[Opening The input section]
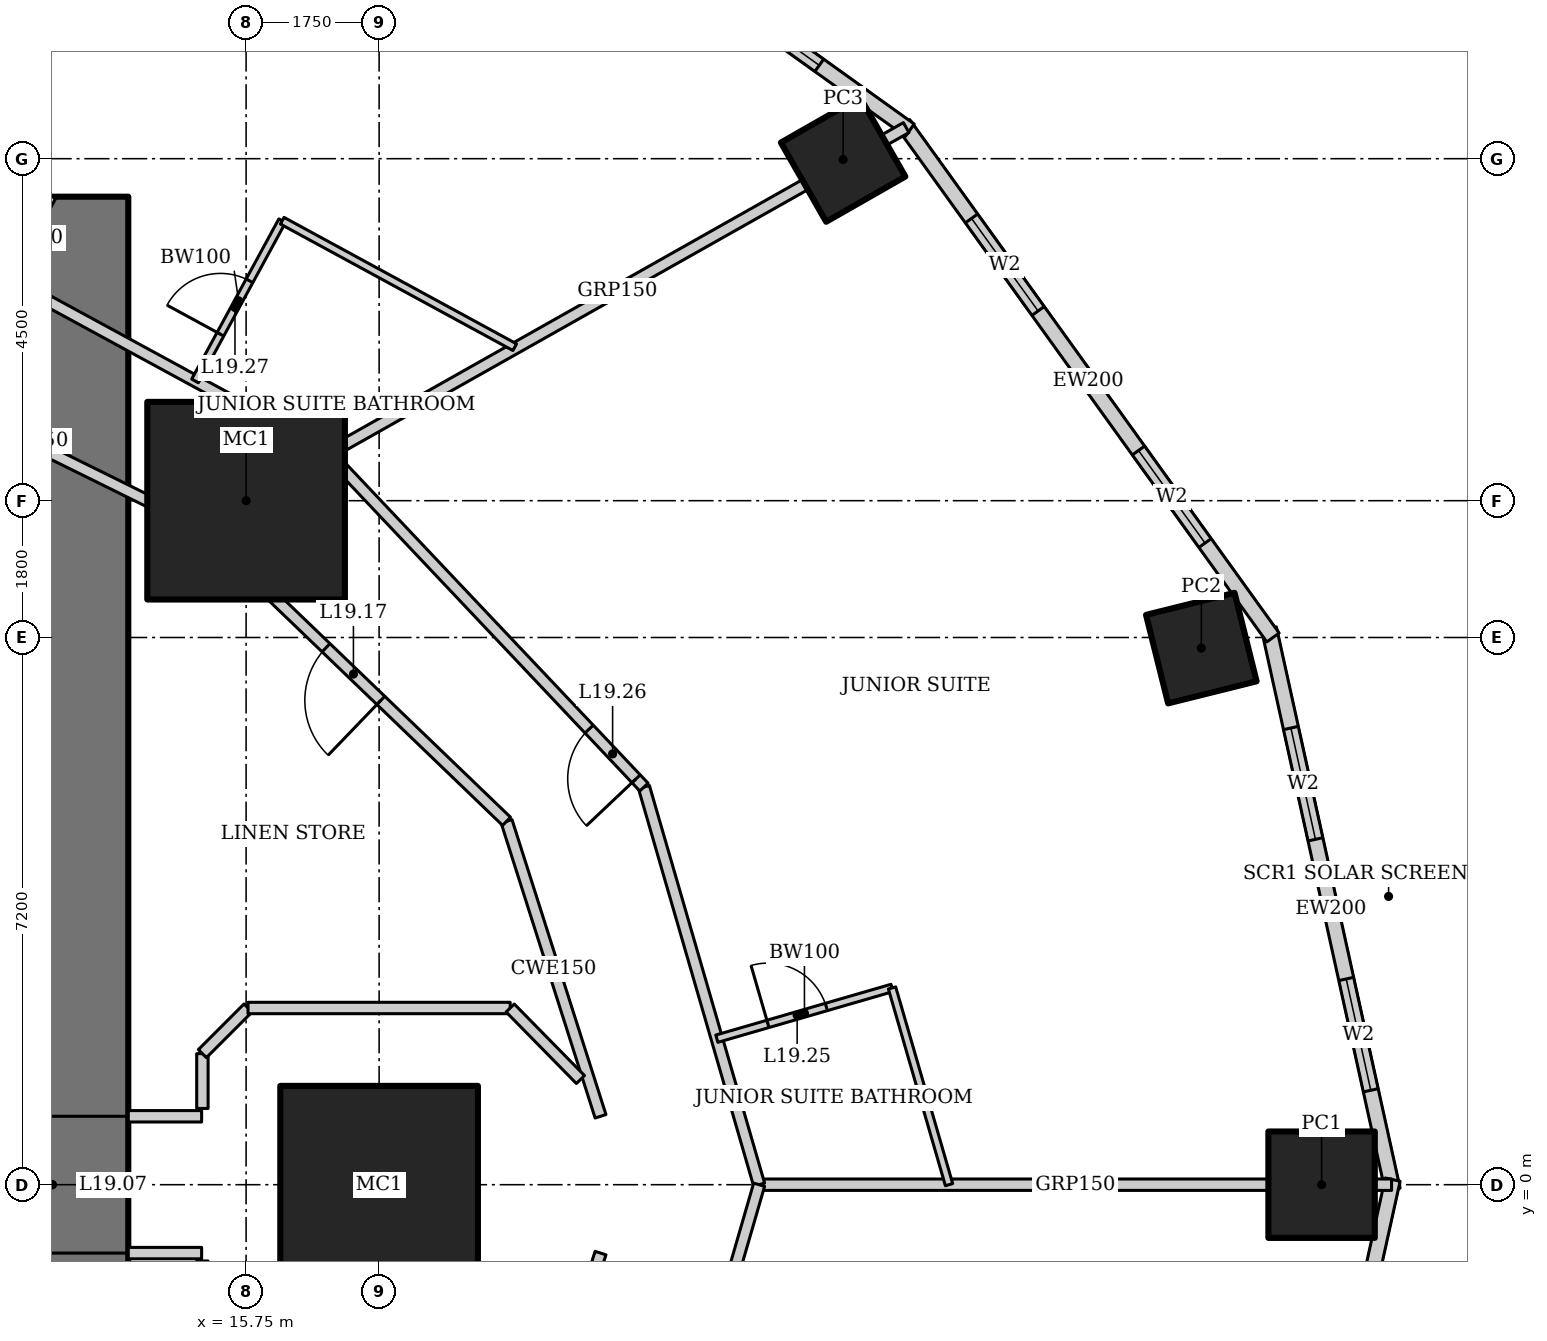
"""IFC4 building model, lengths in metres.
Left out: names, types, materials, properties, quantities, classifications, styles, units other than length and angle.
Written with IfcOpenShell. Run it as: python <this file> out.ifc"""

import sys

from ifc_helpers import new_model, si_unit, direction, frame, frame_2d, origin, origin_2d, place, context, subcontext, project, spatial, rectangle, hollow_rectangle, extrude, element, fill, save


model = new_model("IFC4")
c1 = context("Model", 3, precision=1e-05, world=origin(), true_north=direction((0.0, 1.0)))
c2 = subcontext(c1, "Body", "Model", "MODEL_VIEW")
j1 = project(units=[si_unit("LENGTHUNIT", "METRE"), si_unit("PLANEANGLEUNIT", "RADIAN")], contexts=[c1])
p1 = place(None, origin())
s1 = spatial("IfcSite", under=j1, at=p1, CompositionType="ELEMENT")
p2 = place(p1, origin())
s2 = spatial("IfcBuilding", under=s1, at=p2, CompositionType="ELEMENT")
p3 = place(p2, frame((0.0, 0.0, 83.8)))
s3 = spatial("IfcBuildingStorey", under=s2, at=p3, CompositionType="ELEMENT", Elevation=83.8)
for number, where, z_axis, x_axis in (
    (1, (17.5, 0.0, 0.0), (0.0, 0.0, 1.0), (1.0, 0.0, 0.0)),
    (2, (15.75, 9.0, 0.0), (0.0, 0.0, 1.0), (1.0, 0.0, 0.0)),
):
    element("IfcColumn", number, at=place(p3, frame(where, z_axis=z_axis, x_axis=x_axis)), inside=s3, PredefinedType="COLUMN", context=c2, shape_type="SweptSolid", body=[
        extrude(hollow_rectangle(XDim=2.6, YDim=2.6, WallThickness=0.13, at=origin_2d()), origin(), (0.0, 0.0, 1.0), 3.6),
    ])
p4 = place(p3, frame((29.9, 0.0, 0.0), z_axis=(0.0, 0.0, 1.0), x_axis=(1.0, 0.0, 0.0)))
e3 = element("IfcColumn", 3, at=p4, inside=s3, PredefinedType="COLUMN", context=c2, shape_type="SweptSolid", body=[
    extrude(hollow_rectangle(XDim=1.4, YDim=1.4, WallThickness=0.1, at=origin_2d()), origin(), (0.0, 0.0, 1.0), 3.6),
])
p5 = place(p3, frame((28.318, 7.06, 0.0), z_axis=(0.0, 0.0, 1.0), x_axis=(0.970295726276, 0.2419218956, 0.0)))
e4 = element("IfcColumn", 4, at=p5, inside=s3, PredefinedType="COLUMN", context=c2, shape_type="SweptSolid", body=[
    extrude(hollow_rectangle(XDim=1.2, YDim=1.2, WallThickness=0.1, at=origin_2d()), origin(), (0.0, 0.0, 1.0), 3.6),
])
p6 = place(p3, frame((23.605, 13.489, 0.0), z_axis=(0.0, 0.0, 1.0), x_axis=(0.86824298017, 0.496139221777, 0.0)))
e5 = element("IfcColumn", 5, at=p6, inside=s3, PredefinedType="COLUMN", context=c2, shape_type="SweptSolid", body=[
    extrude(hollow_rectangle(XDim=1.2, YDim=1.2, WallThickness=0.12, at=origin_2d()), origin(), (0.0, 0.0, 1.0), 3.6),
])
p7 = place(p3, frame((13.2, -13.0, 0.0), z_axis=(0.0, 0.0, 1.0), x_axis=(0.0, 1.0, 0.0)))
e6 = element("IfcWall", 6, at=p7, inside=s3, PredefinedType="SHEAR", context=c2, shape_type="SweptSolid", body=[
    extrude(rectangle(XDim=26.0, YDim=2.0, at=frame_2d((13.0, 0.0))), origin(), (0.0, 0.0, 1.0), 3.6),
])
p8 = place(p7, frame((12.1, 0.0, 0.0)))
e7 = element("IfcOpeningElement", 7, at=p8, cuts=e6, PredefinedType="OPENING", context=c2, shape_type="SweptSolid", body=[
    extrude(rectangle(XDim=1.8, YDim=2.1, at=frame_2d((0.9, 1.05))), frame((0.0, 1.01, 0.0), z_axis=(0.0, -1.0, 0.0), x_axis=(1.0, 0.0, 0.0)), (0.0, 0.0, 1.0), 2.02),
])
p9 = place(p3, frame((30.835, -0.067, 0.0), z_axis=(0.0, 0.0, 1.0), x_axis=(-0.215238065514, 0.976561608478, 0.0)))
e8 = element("IfcWall", 8, at=p9, inside=s3, PredefinedType="SOLIDWALL", context=c2, shape_type="SweptSolid", body=[
    extrude(rectangle(XDim=7.562, YDim=0.2, at=frame_2d((3.781, 0.0))), origin(), (0.0, 0.0, 1.0), 3.45),
])
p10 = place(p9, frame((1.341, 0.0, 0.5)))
[Closing The input section]
**What you should do**
List every line from the entries above in which "CompositionType" appears.

**Result below**
s1 = spatial("IfcSite", under=j1, at=p1, CompositionType="ELEMENT")
s2 = spatial("IfcBuilding", under=s1, at=p2, CompositionType="ELEMENT")
s3 = spatial("IfcBuildingStorey", under=s2, at=p3, CompositionType="ELEMENT", Elevation=83.8)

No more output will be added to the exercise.